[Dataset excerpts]
== Segment start ==

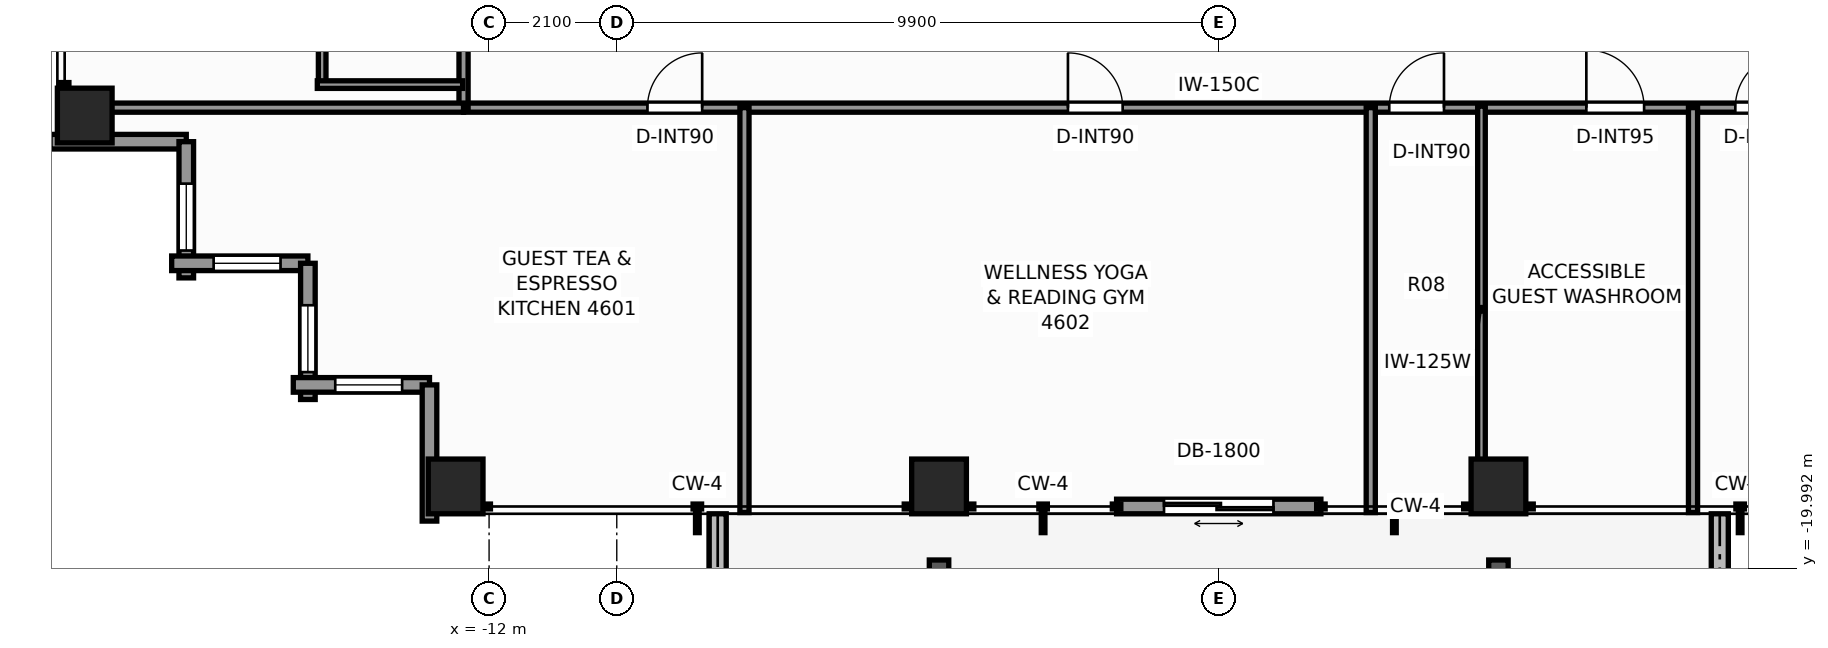
"""IFC4 building model, lengths in metres.
Left out: names, types, materials, properties, quantities, classifications, styles, units other than length and angle.
Written with IfcOpenShell. Run it as: python <this file> out.ifc"""

import sys

from ifc_helpers import new_model, si_unit, direction, frame, frame_2d, origin, origin_2d, place, context, subcontext, project, spatial, rectangle, extrude, element, fill, save


model = new_model("IFC4")
c1 = context("Model", 3, precision=1e-05, world=origin(), true_north=direction((0.0, 1.0)))
c2 = subcontext(c1, "Body", "Model", "MODEL_VIEW")
j1 = project(units=[si_unit("LENGTHUNIT", "METRE"), si_unit("PLANEANGLEUNIT", "RADIAN")], contexts=[c1])
p1 = place(None, origin())
s1 = spatial("IfcSite", under=j1, at=p1, CompositionType="ELEMENT")
p2 = place(p1, origin())
s2 = spatial("IfcBuilding", under=s1, at=p2, CompositionType="ELEMENT")
p3 = place(p2, frame((0.0, 0.0, 160.2)))
s3 = spatial("IfcBuildingStorey", under=s2, at=p3, CompositionType="ELEMENT", Elevation=160.2)
for number, where, z_axis, x_axis in (
    (1, (-12.55, -18.65, 0.0), (0.0, 0.0, 1.0), (1.0, 0.0, 0.0)),
    (2, (-4.6, -18.65, 0.0), (0.0, 0.0, 1.0), (1.0, 0.0, 0.0)),
    (3, (4.6, -18.65, 0.0), (0.0, 0.0, 1.0), (1.0, 0.0, 0.0)),
    (4, (-18.65, -12.55, 0.0), (0.0, 0.0, 1.0), (1.0, 0.0, 0.0)),
):
    element("IfcColumn", number, at=place(p3, frame(where, z_axis=z_axis, x_axis=x_axis)), inside=s3, PredefinedType="COLUMN", context=c2, shape_type="SweptSolid", body=[
        extrude(rectangle(XDim=0.9, YDim=0.9, at=origin_2d()), origin(), (0.0, 0.0, 1.0), 3.3),
    ])
p4 = place(p3, frame((8.24, -22.52, -0.02), z_axis=(0.0, 0.0, 1.0), x_axis=(0.0, 1.0, 0.0)))
e5 = element("IfcWall", 5, at=p4, inside=s3, PredefinedType="PARAPET", context=c2, shape_type="SweptSolid", body=[
    extrude(rectangle(XDim=3.42, YDim=0.28, at=frame_2d((1.71, 0.0))), origin(), (0.0, 0.0, 1.0), 0.42),
])
p5 = place(p3, frame((-8.24, -19.1, -0.02), z_axis=(0.0, 0.0, 1.0), x_axis=(0.0, -1.0, 0.0)))
e6 = element("IfcWall", 6, at=p5, inside=s3, PredefinedType="PARAPET", context=c2, shape_type="SweptSolid", body=[
    extrude(rectangle(XDim=2.674, YDim=0.28, at=frame_2d((1.337, 0.0))), origin(), (0.0, 0.0, 1.0), 0.42),
])
p6 = place(p3, frame((1.68, -18.98, 0.0), z_axis=(0.0, 0.0, 1.0), x_axis=(-1.0, 0.0, 0.0)))
e7 = element("IfcWall", 7, at=p6, inside=s3, PredefinedType="STANDARD", context=c2, shape_type="SweptSolid", body=[
    extrude(rectangle(XDim=3.36, YDim=0.24, at=frame_2d((1.68, 0.0))), origin(), (0.0, 0.0, 1.0), 3.1),
])
p7 = place(p6, frame((0.78, 0.0, 0.0)))
e8 = element("IfcOpeningElement", 8, at=p7, cuts=e7, PredefinedType="OPENING", context=c2, shape_type="SweptSolid", body=[
    extrude(rectangle(XDim=1.8, YDim=2.2, at=frame_2d((0.9, 1.1))), frame((0.0, 0.13, 0.0), z_axis=(0.0, -1.0, 0.0), x_axis=(1.0, 0.0, 0.0)), (0.0, 0.0, 1.0), 0.26),
])
p8 = place(p3, frame((-16.98, -12.98, 0.0), z_axis=(0.0, 0.0, 1.0), x_axis=(-1.0, 0.0, 0.0)))
e9 = element("IfcWall", 9, at=p8, inside=s3, PredefinedType="STANDARD", context=c2, shape_type="SweptSolid", body=[
    extrude(rectangle(XDim=2.24, YDim=0.24, at=frame_2d((1.12, 0.0))), origin(), (0.0, 0.0, 1.0), 2.483),
])
p9 = place(p3, frame((-16.98, -15.22, 0.0), z_axis=(0.0, 0.0, 1.0), x_axis=(0.0, 1.0, 0.0)))
e10 = element("IfcWall", 10, at=p9, inside=s3, PredefinedType="STANDARD", context=c2, shape_type="SweptSolid", body=[
    extrude(rectangle(XDim=2.24, YDim=0.24, at=frame_2d((1.12, 0.0))), origin(), (0.0, 0.0, 1.0), 2.483),
])
p10 = place(p9, frame((0.45, 0.0, 0.65)))
e11 = element("IfcOpeningElement", 11, at=p10, cuts=e10, PredefinedType="OPENING", context=c2, shape_type="SweptSolid", body=[
    extrude(rectangle(XDim=1.1, YDim=1.45, at=frame_2d((0.55, 0.725))), frame((0.0, 0.13, 0.0), z_axis=(0.0, -1.0, 0.0), x_axis=(1.0, 0.0, 0.0)), (0.0, 0.0, 1.0), 0.26),
])
p11 = place(p3, frame((-14.98, -14.98, 0.0), z_axis=(0.0, 0.0, 1.0), x_axis=(-1.0, 0.0, 0.0)))
e12 = element("IfcWall", 12, at=p11, inside=s3, PredefinedType="STANDARD", context=c2, shape_type="SweptSolid", body=[
    extrude(rectangle(XDim=2.24, YDim=0.24, at=frame_2d((1.12, 0.0))), origin(), (0.0, 0.0, 1.0), 2.483),
])
p12 = place(p11, frame((0.45, 0.0, 0.65)))
e13 = element("IfcOpeningElement", 13, at=p12, cuts=e12, PredefinedType="OPENING", context=c2, shape_type="SweptSolid", body=[
    extrude(rectangle(XDim=1.1, YDim=1.45, at=frame_2d((0.55, 0.725))), frame((0.0, 0.13, 0.0), z_axis=(0.0, -1.0, 0.0), x_axis=(1.0, 0.0, 0.0)), (0.0, 0.0, 1.0), 0.26),
])
p13 = place(p3, frame((-14.98, -17.22, 0.0), z_axis=(0.0, 0.0, 1.0), x_axis=(0.0, 1.0, 0.0)))
e14 = element("IfcWall", 14, at=p13, inside=s3, PredefinedType="STANDARD", context=c2, shape_type="SweptSolid", body=[
    extrude(rectangle(XDim=2.24, YDim=0.24, at=frame_2d((1.12, 0.0))), origin(), (0.0, 0.0, 1.0), 2.483),
])
p14 = place(p13, frame((0.45, 0.0, 0.65)))
e15 = element("IfcOpeningElement", 15, at=p14, cuts=e14, PredefinedType="OPENING", context=c2, shape_type="SweptSolid", body=[
    extrude(rectangle(XDim=1.1, YDim=1.45, at=frame_2d((0.55, 0.725))), frame((0.0, 0.13, 0.0), z_axis=(0.0, -1.0, 0.0), x_axis=(1.0, 0.0, 0.0)), (0.0, 0.0, 1.0), 0.26),
])
p15 = place(p3, frame((-12.98, -16.98, 0.0), z_axis=(0.0, 0.0, 1.0), x_axis=(-1.0, 0.0, 0.0)))
e16 = element("IfcWall", 16, at=p15, inside=s3, PredefinedType="STANDARD", context=c2, shape_type="SweptSolid", body=[
    extrude(rectangle(XDim=2.24, YDim=0.24, at=frame_2d((1.12, 0.0))), origin(), (0.0, 0.0, 1.0), 2.483),
])
p16 = place(p15, frame((0.45, 0.0, 0.65)))
e17 = element("IfcOpeningElement", 17, at=p16, cuts=e16, PredefinedType="OPENING", context=c2, shape_type="SweptSolid", body=[
    extrude(rectangle(XDim=1.1, YDim=1.45, at=frame_2d((0.55, 0.725))), frame((0.0, 0.13, 0.0), z_axis=(0.0, -1.0, 0.0), x_axis=(1.0, 0.0, 0.0)), (0.0, 0.0, 1.0), 0.26),
])
p17 = place(p3, frame((-12.98, -19.22, 0.0), z_axis=(0.0, 0.0, 1.0), x_axis=(0.0, 1.0, 0.0)))
e18 = element("IfcWall", 18, at=p17, inside=s3, PredefinedType="STANDARD", context=c2, shape_type="SweptSolid", body=[
    extrude(rectangle(XDim=2.24, YDim=0.24, at=frame_2d((1.12, 0.0))), origin(), (0.0, 0.0, 1.0), 2.483),
])
p18 = place(p3, frame((-12.42, -12.42, 0.0), z_axis=(0.0, 0.0, 1.0), x_axis=(1.0, 0.0, 0.0)))
e19 = element("IfcWall", 19, at=p18, inside=s3, PredefinedType="PARTITIONING", context=c2, shape_type="SweptSolid", body=[
    extrude(rectangle(XDim=24.84, YDim=0.15, at=frame_2d((12.42, 0.0))), origin(), (0.0, 0.0, 1.0), 2.389),
])
p19 = place(p18, frame((3.024, 0.0, 0.0)))
e20 = element("IfcOpeningElement", 20, at=p19, cuts=e19, PredefinedType="OPENING", context=c2, shape_type="SweptSolid", body=[
    extrude(rectangle(XDim=0.9, YDim=2.06, at=frame_2d((0.45, 1.03))), frame((0.0, 0.085, 0.0), z_axis=(0.0, -1.0, 0.0), x_axis=(1.0, 0.0, 0.0)), (0.0, 0.0, 1.0), 0.17),
])
p20 = place(p18, frame((9.94, 0.0, 0.0)))
e21 = element("IfcOpeningElement", 21, at=p20, cuts=e19, PredefinedType="OPENING", context=c2, shape_type="SweptSolid", body=[
    extrude(rectangle(XDim=0.9, YDim=2.06, at=frame_2d((0.45, 1.03))), frame((0.0, 0.085, 0.0), z_axis=(0.0, -1.0, 0.0), x_axis=(1.0, 0.0, 0.0)), (0.0, 0.0, 1.0), 0.17),
])
p21 = place(p18, frame((15.224, 0.0, 0.0)))
e22 = element("IfcOpeningElement", 22, at=p21, cuts=e19, PredefinedType="OPENING", context=c2, shape_type="SweptSolid", body=[
    extrude(rectangle(XDim=0.9, YDim=2.06, at=frame_2d((0.45, 1.03))), frame((0.0, 0.085, 0.0), z_axis=(0.0, -1.0, 0.0), x_axis=(1.0, 0.0, 0.0)), (0.0, 0.0, 1.0), 0.17),
])
p22 = place(p18, frame((18.466, 0.0, 0.0)))
e23 = element("IfcOpeningElement", 23, at=p22, cuts=e19, PredefinedType="OPENING", context=c2, shape_type="SweptSolid", body=[
    extrude(rectangle(XDim=0.95, YDim=2.06, at=frame_2d((0.475, 1.03))), frame((0.0, 0.085, 0.0), z_axis=(0.0, -1.0, 0.0), x_axis=(1.0, 0.0, 0.0)), (0.0, 0.0, 1.0), 0.17),
])
p23 = place(p18, frame((20.916, 0.0, 0.0)))
e24 = element("IfcOpeningElement", 24, at=p23, cuts=e19, PredefinedType="OPENING", context=c2, shape_type="SweptSolid", body=[
    extrude(rectangle(XDim=0.9, YDim=2.06, at=frame_2d((0.45, 1.03))), frame((0.0, 0.085, 0.0), z_axis=(0.0, -1.0, 0.0), x_axis=(1.0, 0.0, 0.0)), (0.0, 0.0, 1.0), 0.17),
])
p24 = place(p3, frame((-12.42, -12.42, 0.0), z_axis=(0.0, 0.0, 1.0), x_axis=(0.0, 1.0, 0.0)))
e25 = element("IfcWall", 25, at=p24, inside=s3, PredefinedType="PARTITIONING", context=c2, shape_type="SweptSolid", body=[
    extrude(rectangle(XDim=24.84, YDim=0.15, at=frame_2d((12.42, 0.0))), origin(), (0.0, 0.0, 1.0), 2.389),
])
p25 = place(p24, frame((3.831, 0.0, 0.0)))
e26 = element("IfcOpeningElement", 26, at=p25, cuts=e25, PredefinedType="OPENING", context=c2, shape_type="SweptSolid", body=[
    extrude(rectangle(XDim=0.95, YDim=2.06, at=frame_2d((0.475, 1.03))), frame((0.0, 0.085, 0.0), z_axis=(0.0, -1.0, 0.0), x_axis=(1.0, 0.0, 0.0)), (0.0, 0.0, 1.0), 0.17),
])
p26 = place(p24, frame((10.012, 0.0, 0.0)))
e27 = element("IfcOpeningElement", 27, at=p26, cuts=e25, PredefinedType="OPENING", context=c2, shape_type="SweptSolid", body=[
    extrude(rectangle(XDim=0.95, YDim=2.06, at=frame_2d((0.475, 1.03))), frame((0.0, 0.085, 0.0), z_axis=(0.0, -1.0, 0.0), x_axis=(1.0, 0.0, 0.0)), (0.0, 0.0, 1.0), 0.17),
])
p27 = place(p24, frame((19.504, 0.0, 0.0)))
e28 = element("IfcOpeningElement", 28, at=p27, cuts=e25, PredefinedType="OPENING", context=c2, shape_type="SweptSolid", body=[
    extrude(rectangle(XDim=0.95, YDim=2.06, at=frame_2d((0.475, 1.03))), frame((0.0, 0.085, 0.0), z_axis=(0.0, -1.0, 0.0), x_axis=(1.0, 0.0, 0.0)), (0.0, 0.0, 1.0), 0.17),
])
p28 = place(p3, frame((-19.08, -12.42, 0.0), z_axis=(0.0, 0.0, 1.0), x_axis=(1.0, 0.0, 0.0)))
e29 = element("IfcWall", 29, at=p28, inside=s3, PredefinedType="PARTITIONING", context=c2, shape_type="SweptSolid", body=[
    extrude(rectangle(XDim=6.66, YDim=0.15, at=frame_2d((3.33, 0.0))), origin(), (0.0, 0.0, 1.0), 2.389),
])
for number, where, z_axis, x_axis in (
    (30, (-7.8, -19.08, 0.0), (0.0, 0.0, 1.0), (0.0, 1.0, 0.0)),
    (31, (2.5, -19.08, 0.0), (0.0, 0.0, 1.0), (0.0, 1.0, 0.0)),
    (32, (7.8, -19.08, 0.0), (0.0, 0.0, 1.0), (0.0, 1.0, 0.0)),
):
    element("IfcWall", number, at=place(p3, frame(where, z_axis=z_axis, x_axis=x_axis)), inside=s3, PredefinedType="PARTITIONING", context=c2, shape_type="SweptSolid", body=[
        extrude(rectangle(XDim=6.66, YDim=0.15, at=frame_2d((3.33, 0.0))), origin(), (0.0, 0.0, 1.0), 2.473),
    ])
p29 = place(p3, frame((4.321, -19.08, 0.0), z_axis=(0.0, 0.0, 1.0), x_axis=(0.0, 1.0, 0.0)))
e33 = element("IfcWall", 33, at=p29, inside=s3, PredefinedType="PARTITIONING", context=c2, shape_type="SweptSolid", body=[
    extrude(rectangle(XDim=6.685, YDim=0.125, at=frame_2d((3.343, 0.0))), origin(), (0.0, 0.0, 1.0), 2.473),
])
p30 = place(p3, frame((-14.745, -12.101, 0.0), z_axis=(0.0, 0.0, 1.0), x_axis=(0.0, 1.0, 0.0)))
e34 = element("IfcWall", 34, at=p30, inside=s3, PredefinedType="PARTITIONING", context=c2, shape_type="SweptSolid", body=[
    extrude(rectangle(XDim=2.77, YDim=0.125, at=frame_2d((1.385, 0.0))), origin(), (0.0, 0.0, 1.0), 2.389),
])
p31 = place(p3, frame((-14.825, -12.041, 0.0), z_axis=(0.0, 0.0, 1.0), x_axis=(1.0, 0.0, 0.0)))
e35 = element("IfcWall", 35, at=p31, inside=s3, PredefinedType="PARTITIONING", context=c2, shape_type="SweptSolid", body=[
    extrude(rectangle(XDim=2.39, YDim=0.125, at=frame_2d((1.195, 0.0))), origin(), (0.0, 0.0, 1.0), 3.1),
])
p32 = place(p7, origin())
e36 = element("IfcDoor", 36, at=p32, inside=s3, OperationType="DOUBLE_DOOR_SLIDING", PredefinedType="DOOR", context=c2, shape_type="SweptSolid", body=[
    extrude(rectangle(XDim=1.8, YDim=2.2, at=frame_2d((0.9, 1.1))), frame((0.0, 0.025, 0.0), z_axis=(0.0, -1.0, 0.0), x_axis=(1.0, 0.0, 0.0)), (0.0, 0.0, 1.0), 0.05),
])
fill(e8, e36)
p33 = place(p10, origin())
e37 = element("IfcWindow", 37, at=p33, inside=s3, PartitioningType="SINGLE_PANEL", PredefinedType="WINDOW", context=c2, shape_type="SweptSolid", body=[
    extrude(rectangle(XDim=1.1, YDim=1.45, at=frame_2d((0.55, 0.725))), frame((0.0, 0.03, 0.0), z_axis=(0.0, -1.0, 0.0), x_axis=(1.0, 0.0, 0.0)), (0.0, 0.0, 1.0), 0.06),
])
fill(e11, e37)
p34 = place(p12, origin())
e38 = element("IfcWindow", 38, at=p34, inside=s3, PartitioningType="SINGLE_PANEL", PredefinedType="WINDOW", context=c2, shape_type="SweptSolid", body=[
    extrude(rectangle(XDim=1.1, YDim=1.45, at=frame_2d((0.55, 0.725))), frame((0.0, 0.03, 0.0), z_axis=(0.0, -1.0, 0.0), x_axis=(1.0, 0.0, 0.0)), (0.0, 0.0, 1.0), 0.06),
])
fill(e13, e38)
p35 = place(p14, origin())
e39 = element("IfcWindow", 39, at=p35, inside=s3, PartitioningType="SINGLE_PANEL", PredefinedType="WINDOW", context=c2, shape_type="SweptSolid", body=[
    extrude(rectangle(XDim=1.1, YDim=1.45, at=frame_2d((0.55, 0.725))), frame((0.0, 0.03, 0.0), z_axis=(0.0, -1.0, 0.0), x_axis=(1.0, 0.0, 0.0)), (0.0, 0.0, 1.0), 0.06),
])
fill(e15, e39)
p36 = place(p16, origin())
e40 = element("IfcWindow", 40, at=p36, inside=s3, PartitioningType="SINGLE_PANEL", PredefinedType="WINDOW", context=c2, shape_type="SweptSolid", body=[
    extrude(rectangle(XDim=1.1, YDim=1.45, at=frame_2d((0.55, 0.725))), frame((0.0, 0.03, 0.0), z_axis=(0.0, -1.0, 0.0), x_axis=(1.0, 0.0, 0.0)), (0.0, 0.0, 1.0), 0.06),
])
fill(e17, e40)
p37 = place(p19, origin())
e41 = element("IfcDoor", 41, at=p37, inside=s3, OperationType="SINGLE_SWING_RIGHT", PredefinedType="DOOR", context=c2, shape_type="SweptSolid", body=[
    extrude(rectangle(XDim=0.9, YDim=2.06, at=frame_2d((0.45, 1.03))), frame((0.0, 0.025, 0.0), z_axis=(0.0, -1.0, 0.0), x_axis=(1.0, 0.0, 0.0)), (0.0, 0.0, 1.0), 0.05),
])
fill(e20, e41)
p38 = place(p20, origin())
e42 = element("IfcDoor", 42, at=p38, inside=s3, OperationType="SINGLE_SWING_LEFT", PredefinedType="DOOR", context=c2, shape_type="SweptSolid", body=[
    extrude(rectangle(XDim=0.9, YDim=2.06, at=frame_2d((0.45, 1.03))), frame((0.0, 0.025, 0.0), z_axis=(0.0, -1.0, 0.0), x_axis=(1.0, 0.0, 0.0)), (0.0, 0.0, 1.0), 0.05),
])
fill(e21, e42)
p39 = place(p21, origin())
e43 = element("IfcDoor", 43, at=p39, inside=s3, OperationType="SINGLE_SWING_RIGHT", PredefinedType="DOOR", context=c2, shape_type="SweptSolid", body=[
    extrude(rectangle(XDim=0.9, YDim=2.06, at=frame_2d((0.45, 1.03))), frame((0.0, 0.025, 0.0), z_axis=(0.0, -1.0, 0.0), x_axis=(1.0, 0.0, 0.0)), (0.0, 0.0, 1.0), 0.05),
])
fill(e22, e43)
p40 = place(p22, origin())
e44 = element("IfcDoor", 44, at=p40, inside=s3, OperationType="SINGLE_SWING_LEFT", PredefinedType="DOOR", context=c2, shape_type="SweptSolid", body=[
    extrude(rectangle(XDim=0.95, YDim=2.06, at=frame_2d((0.475, 1.03))), frame((0.0, 0.025, 0.0), z_axis=(0.0, -1.0, 0.0), x_axis=(1.0, 0.0, 0.0)), (0.0, 0.0, 1.0), 0.05),
])
fill(e23, e44)
p41 = place(p23, origin())
e45 = element("IfcDoor", 45, at=p41, inside=s3, OperationType="SINGLE_SWING_RIGHT", PredefinedType="DOOR", context=c2, shape_type="SweptSolid", body=[
    extrude(rectangle(XDim=0.9, YDim=2.06, at=frame_2d((0.45, 1.03))), frame((0.0, 0.025, 0.0), z_axis=(0.0, -1.0, 0.0), x_axis=(1.0, 0.0, 0.0)), (0.0, 0.0, 1.0), 0.05),
])
fill(e24, e45)
save(model, sys.argv[1])

== Segment end ==

[TASK PROMPT] Looking at the data above, write out exactly the lines that start at the one containing "-14.98, 0.0), z_axis=(0.0, 0.0, 1.0), x_axis=(-1.0, 0.0, 0.0)))" and end at the one containing "p12 = place(p11, frame((0.45, 0.0, 0.65)))"; include both and nothing beyond.

[ANSWER TO THE PROBLEM]
p11 = place(p3, frame((-14.98, -14.98, 0.0), z_axis=(0.0, 0.0, 1.0), x_axis=(-1.0, 0.0, 0.0)))
e12 = element("IfcWall", 12, at=p11, inside=s3, PredefinedType="STANDARD", context=c2, shape_type="SweptSolid", body=[
    extrude(rectangle(XDim=2.24, YDim=0.24, at=frame_2d((1.12, 0.0))), origin(), (0.0, 0.0, 1.0), 2.483),
])
p12 = place(p11, frame((0.45, 0.0, 0.65)))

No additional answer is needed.